### INFORMATION PROVIDED
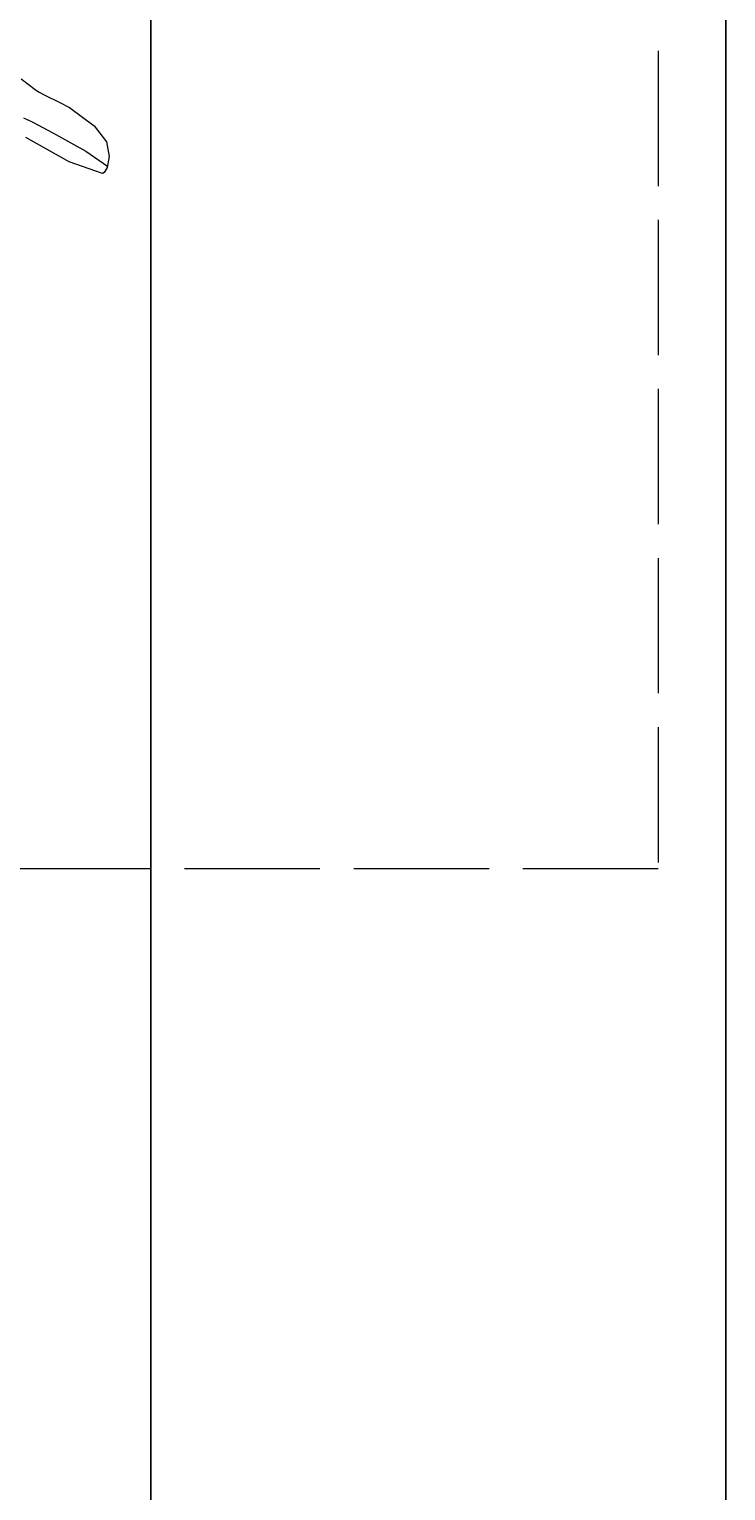
# Model space of a CAD drawing. Units: inches. Extents: x -36 to 401, y -686 to 73.
# Tile 6 of 15: x 303 to 365, y -615 to -485. Entities that reach past the tile are written whole.
import ezdxf

# ---------------------------------------------------------------- set-up
doc = ezdxf.new("R2010")
doc.units = ezdxf.units.IN
doc.header["$MEASUREMENT"] = 0
doc.linetypes.add('ACAD_ISO02W100', pattern=[15, 12, -3])
for name, color, linetype, lineweight in [('A-ANNO-DIMS', 2, 'Continuous', 18), ('A-FLOR-OVHD', 8, 'ACAD_ISO02W100', 18), ('C-PKNG-VEHI', 8, 'Continuous', 13), ('C-PROP', 7, 'Continuous', 25)]:
    doc.layers.add(name, color=color, linetype=linetype, lineweight=lineweight)
doc.styles.get("Standard").update_dxf_attribs({"font": 'arial.ttf'})
doc.dimstyles.get("Standard").update_dxf_attribs({"dimtxt": 0.18, "dimasz": 0.18, "dimexe": 0.18, "dimexo": 0.0625, "dimgap": 0.09, "dimtad": 0, "dimtih": 1, "dimtoh": 1, "dimdec": 0, "dimzin": 0, "dimdsep": 46, "dimlunit": 3, "dimtxsty": 'Standard', "dimcen": 0.09, "dimadec": 0, "dimazin": 0, "dimtfac": 1, "dimtdec": 0, "dimtofl": 0, "dimtmove": 0, "dimatfit": 3, "dimfxl": 1, "dimtolj": 1, "dimtzin": 0, "dimarcsym": 0})

# ---------------------------------------------------------------- blocks, each defined once
blk = doc.blocks.new('*D74')
at = {"layer": 'A-ANNO-DIMS', "color": 0, "lineweight": -2, "transparency": 16777216}
for p, q in [((277.69, -412.27), (277.69, -685.69)), ((313.69, -421.27), (313.69, -685.69)), ((277.87, -685.51), (295.36, -685.51)), ((313.51, -685.51), (296.02, -685.51))]:
    blk.add_line(p, q, dxfattribs=at)
at = {"layer": 'A-ANNO-DIMS', "color": 0, "transparency": 16777216}
for points in [[(277.87, -685.48), (277.87, -685.54), (277.69, -685.51)], [(313.51, -685.48), (313.51, -685.54), (313.69, -685.51)]]:
    blk.add_solid(points, dxfattribs=at)
at = {"layer": 'Defpoints', "color": 0, "transparency": 16777216}
for p in [(277.69, -412.21), (313.69, -421.21), (313.69, -685.51)]:
    blk.add_point(p, dxfattribs=at)
at = {"layer": 'A-ANNO-DIMS', "color": 0, "transparency": 16777216, "insert": (295.69, -685.51), "char_height": 0.18, "attachment_point": 5}
blk.add_mtext('\\A1;3\'-0"', dxfattribs=at)

msp = doc.modelspace()

# ---------------------------------------------------------------- linework, layer by layer
at = {"layer": 'A-FLOR-OVHD'}
for p, q in [((358.69, 7.79), (358.69, -559.77)), ((358.69, -559.77), (26.38, -559.77))]:
    msp.add_line(p, q, dxfattribs=at)
at = {"layer": 'C-PKNG-VEHI'}
for p, q in [((302.18, -489.69), (303.44, -490.64)), ((303.44, -490.64), (303.74, -490.87)), ((303.74, -490.87), (304.35, -491.17)), ((304.35, -491.17), (305.57, -491.76)), ((305.57, -491.76), (306.47, -492.24)), ((306.47, -492.24), (308.68, -493.86)), ((302.41, -493.17), (303.17, -493.53)), ((303.17, -493.53), (305, -494.48)), ((308.68, -493.86), (309.75, -495.28)), ((306.44, -497.07), (302.62, -494.92)), ((305, -494.48), (307.93, -496.12)), ((307.93, -496.12), (309.86, -497.45)), ((309.75, -495.28), (310, -496.59)), ((309.42, -498.1), (306.44, -497.07)), ((309.82, -497.56), (309.56, -498)), ((310, -496.59), (309.82, -497.56)), ((309.56, -498), (309.42, -498.1))]:
    msp.add_line(p, q, dxfattribs=at)
at = {"layer": 'C-PROP'}
msp.add_line((364.69, 31.79), (364.69, -649.21), dxfattribs=at)

# ---------------------------------------------------------------- dimensions: what is measured, and where the dimension line sits
at = {"layer": 'A-ANNO-DIMS'}
dim = msp.add_linear_dim(base=(313.69, -685.51), p1=(277.69, -412.21), p2=(313.69, -421.21), dimstyle='Standard', override={"dimdec": 1, "dimlfac": 1, "dimrnd": 0, "dimzin": 1, "dimdsep": 46, "dimlunit": 4, "dimfrac": 2}, dxfattribs=at)
dim.commit()
dim.dimension.update_dxf_attribs({"geometry": '*D74', "text_midpoint": (295.69, -685.51)})

doc.saveas('drawing.dxf')
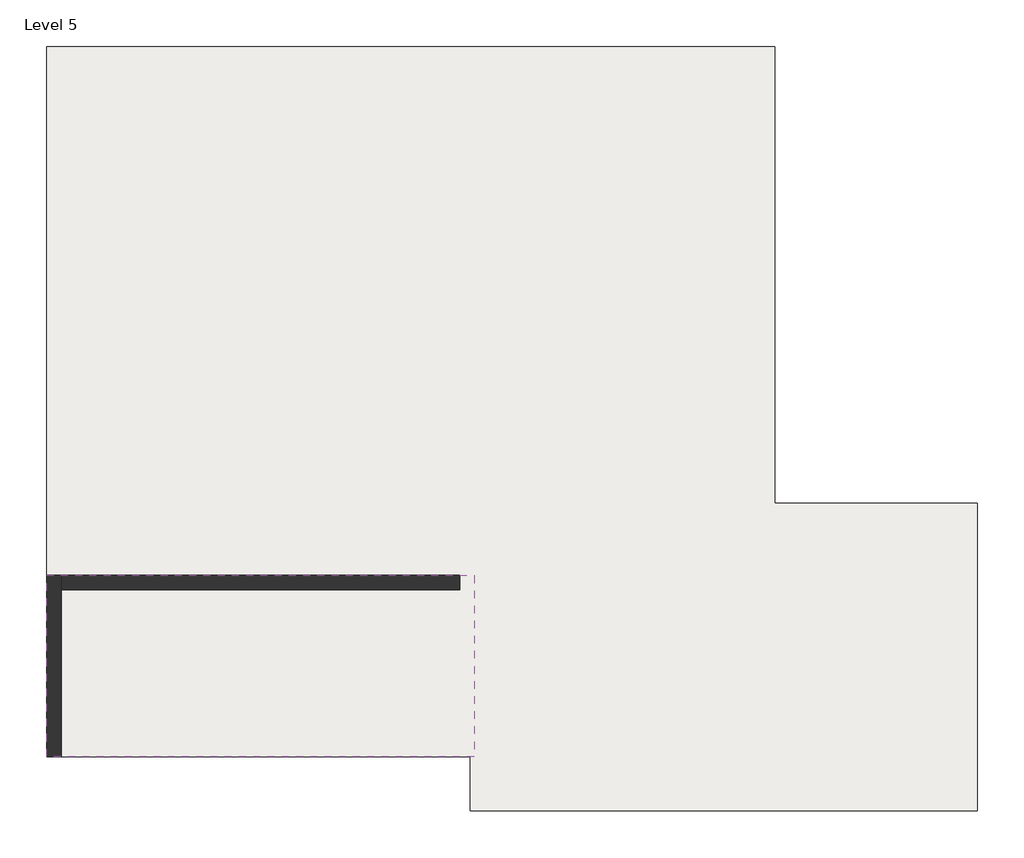
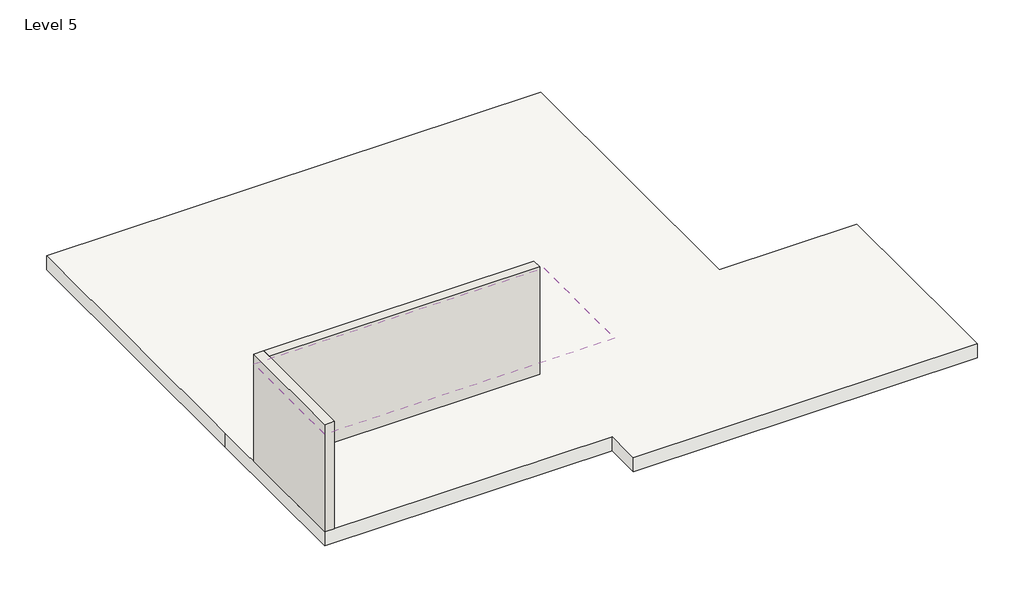
# One storey: 2 roofs, 2 walls.
"""IFC4 building model written with IfcOpenShell, lengths in millimetres."""

from ifc_helpers import new_model, si_unit, frame, origin, place, context, project, spatial, polyline, outline, extrude, faceted_brep, element, save

model = new_model("IFC4")

# Units and contexts
model_context = context("Model", 3, world=origin())
ifc_project = project(units=[si_unit("LENGTHUNIT", "METRE", prefix="MILLI")], contexts=[model_context])

# Site, building, storey
site = spatial("IfcSite", under=ifc_project)
building = spatial("IfcBuilding", under=site)
storey = spatial("IfcBuildingStorey", under=building, Name="Level 5", Elevation=14630.4)

# Roofs
placement = place(None, origin())
element("IfcRoof", 1, ObjectType="Generic - 12\"", at=placement, inside=storey, context=model_context, shape_type="SweptSolid", body=[
    extrude(outline(polyline([(-10951.9371298, 1144.5359817), (-10951.9371298, 4700.5359817), (-10951.9371298, 11101.3359817), (-741.1371298, 11101.3359817), (-741.1371298, 4700.5359817), (2101.2415497, 4700.5359817), (2101.2415497, 1144.5359817), (2101.2415497, 382.5359817), (-5008.3371298, 382.5359817), (-5008.3371298, 1144.5359817), (-10951.9371298, 1144.5359817)])), frame((0.0, 0.0, 14630.4), z_axis=(0.0, 0.0, 1.0), x_axis=(1.0, 0.0, 0.0)), (0.0, 0.0, 1.0), 304.8),
])
element("IfcRoof", 2, ObjectType="Generic - 12\"", at=placement, inside=storey, context=model_context, shape_type="SweptSolid", body=[
    extrude(outline(polyline([(-10951.9371298, 3684.5359817), (-4957.5371298, 3684.5359817), (-4957.5371298, 1144.5359817), (-10951.9371298, 1144.5359817), (-10951.9371298, 3684.5359817)])), frame((0.0, 0.0, 17068.8), z_axis=(0.0, 0.0, 1.0), x_axis=(1.0, 0.0, 0.0)), (0.0, 0.0, 1.0), 304.8),
])

# Walls
element("IfcWall", 3, ObjectType="Generic - 8\"", at=placement, inside=storey, context=model_context, shape_type="Brep", body=[
    faceted_brep([(-10748.7371298, 1144.5359817, 14935.2), (-10748.7371298, 3684.5359817, 14935.2), (-10748.7371298, 3684.5359817, 17282.1203125), (-10748.7371298, 3481.3359817, 17282.1203125), (-10748.7371298, 1144.5359817, 17282.1203125), (-10951.9371298, 1144.5359817, 14935.2), (-10951.9371298, 1144.5359817, 17282.1203125), (-10951.9371298, 3684.5359817, 17282.1203125), (-10951.9371298, 3684.5359817, 14935.2)], [[[0, 1, 2, 3, 4]], [[5, 6, 7, 8]], [[1, 0, 5, 8]], [[4, 3, 2, 7, 6]], [[2, 1, 8, 7]], [[0, 4, 6, 5]]]),
])
element("IfcWall", 4, ObjectType="Generic - 8\"", at=placement, inside=storey, context=model_context, shape_type="Brep", body=[
    faceted_brep([(-10748.7371298, 3481.3359817, 14630.4), (-5160.7371298, 3481.3359817, 14630.4), (-5160.7371298, 3481.3359817, 17282.1203125), (-10748.7371298, 3481.3359817, 17282.1203125), (-10748.7371298, 3684.5359817, 14630.4), (-10748.7371298, 3684.5359817, 14935.2), (-10748.7371298, 3684.5359817, 17282.1203125), (-5160.7371298, 3684.5359817, 17282.1203125), (-5160.7371298, 3684.5359817, 14630.4)], [[[0, 1, 2, 3]], [[4, 5, 6, 7, 8]], [[1, 0, 4, 8]], [[3, 2, 7, 6]], [[0, 3, 6, 5, 4]], [[2, 1, 8, 7]]]),
])

save(model, "model.ifc")

# Revit data of these elements
# Type "Generic - 12\""
#   Assembly Code = "B1020"
#   Layers, outside or top first: 1' - 0" no material (function 1)
# Type "Generic - 8\""
#   Assembly Code = "B2010"
#   Layers, outside or top first: 0' - 8" no material (function 1)
# Element 1 (IfcRoof, "Generic - 12\"")
#   built-in parameter 1001705 = 49 (stored number, unit not read)
#   built-in parameter 1001710 = 33615
#   Phase Created = New Construction
#   Materials on its faces: "Default Roof"
# Element 2 (IfcRoof, "Generic - 12\"")
#   built-in parameter 1001705 = 57 (stored number, unit not read)
#   built-in parameter 1001701 = 8 (stored number, unit not read)
#   built-in parameter 1001710 = 33615
#   Phase Created = New Construction
#   Materials on its faces: "Default Roof"
# Element 3 (IfcWall, "Generic - 8\"")
#   built-in parameter 1001111 = 1' - 0"
#   Top Offset = 0' - 0"
#   Base Offset = 1' - 0"
#   Unconnected Height = 7' - 8 51/128"
#   wall height = 7' - 8 51/128"
#   Phase Created = New Construction
#   Base Constraint = Level 5
#   Materials on its faces: "Default Wall"
# Element 4 (IfcWall, "Generic - 8\"")
#   Top Offset = 0' - 0"
#   Base Offset = 0' - 0"
#   Unconnected Height = 8' - 8 51/128"
#   wall height = 8' - 8 51/128"
#   Phase Created = New Construction
#   Base Constraint = Level 5
#   Materials on its faces: "Default Wall"
# Materials
#   "Default Roof": colour RGB 88 101 114, transparency 0
#   "Default Wall": colour RGB 128 128 128, transparency 0
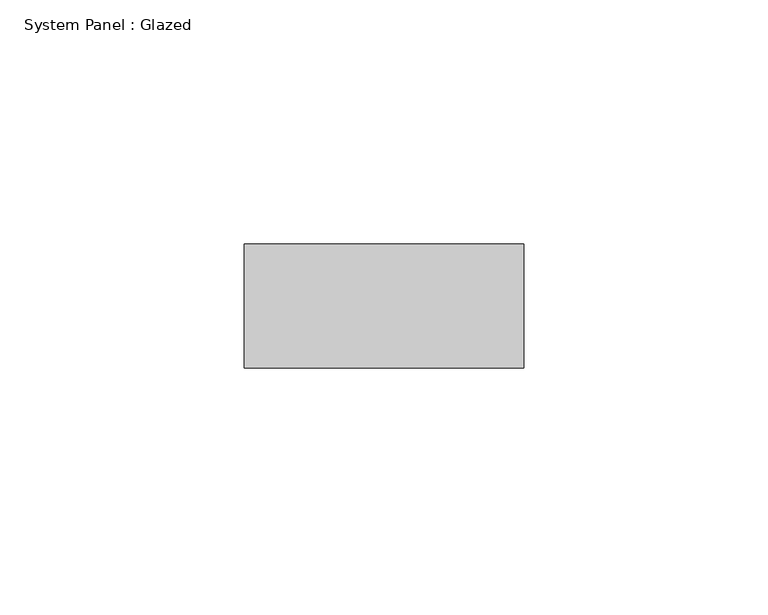
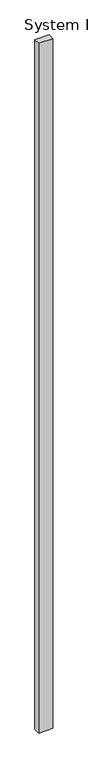
"""IFC4 building model written with IfcOpenShell, lengths in millimetres: plate geometry, System Panel : Glazed."""

from ifc_helpers import new_model, si_unit, origin, origin_with_axes, place, context, project, spatial, polyline, outline, extrude, source, transform, mapped, element, save


def system_panel_glazed_e7b2b8ad(model_context):
    return source(origin(), model_context, "Body", "SweptSolid", [
        extrude(outline(polyline([(28.575, -44.45), (-28.575, -44.45), (-28.575, -19.05), (28.575, -19.05), (28.575, -44.45)])), origin_with_axes(), (0.0, 0.0, 1.0), 2921.0),
    ])


if __name__ == "__main__":
    model = new_model("IFC4")
    model_context = context("Model", 3, world=origin())
    ifc_project = project(units=[si_unit("LENGTHUNIT", "METRE", prefix="MILLI")], contexts=[model_context])
    site = spatial("IfcSite", under=ifc_project)
    building = spatial("IfcBuilding", under=site)
    placement = place(None, origin())
    system_panel_glazed_shape = system_panel_glazed_e7b2b8ad(model_context)
    element("IfcPlate", 1, ObjectType="System Panel : Glazed", at=placement, inside=building, context=model_context, shape_type="MappedRepresentation", body=[
        mapped(system_panel_glazed_shape, transform((0.0, 0.0, 0.0), x_axis=(1.0, 0.0, 0.0), y_axis=(0.0, 1.0, 0.0), z_axis=(0.0, 0.0, 1.0))),
    ])
    save(model, "model.ifc")

# Revit data of these elements
# Type "System Panel : Glazed"
#   Construction Type Id = "GSP4R"
#   Analytic Construction = "1/8 in Pilkington single glazing"
#   Visual Light Transmittance = 0.9
#   Solar Heat Gain Coefficient = 0.86
#   Heat Transfer Coefficient (U) = 1.18115 BTU/(h·ft²·°F)
# Element 1 (IfcPlate, "System Panel : Glazed")
#   Materials on its faces: "Glass"
# Materials
#   "Glass": class "Glass", colour RGB 0 128 192, transparency 0.75, Description = "Soda Lime Glass", Cost = 0

### PROBLEM TO SOLVE
Copy exactly the line containing "(U) = 1.18115 BTU/(h·ft²·°F)" and each line after it through the end of the records above.

### SOLUTION TO THE EXERCISE
#   Heat Transfer Coefficient (U) = 1.18115 BTU/(h·ft²·°F)
# Element 1 (IfcPlate, "System Panel : Glazed")
#   Materials on its faces: "Glass"
# Materials
#   "Glass": class "Glass", colour RGB 0 128 192, transparency 0.75, Description = "Soda Lime Glass", Cost = 0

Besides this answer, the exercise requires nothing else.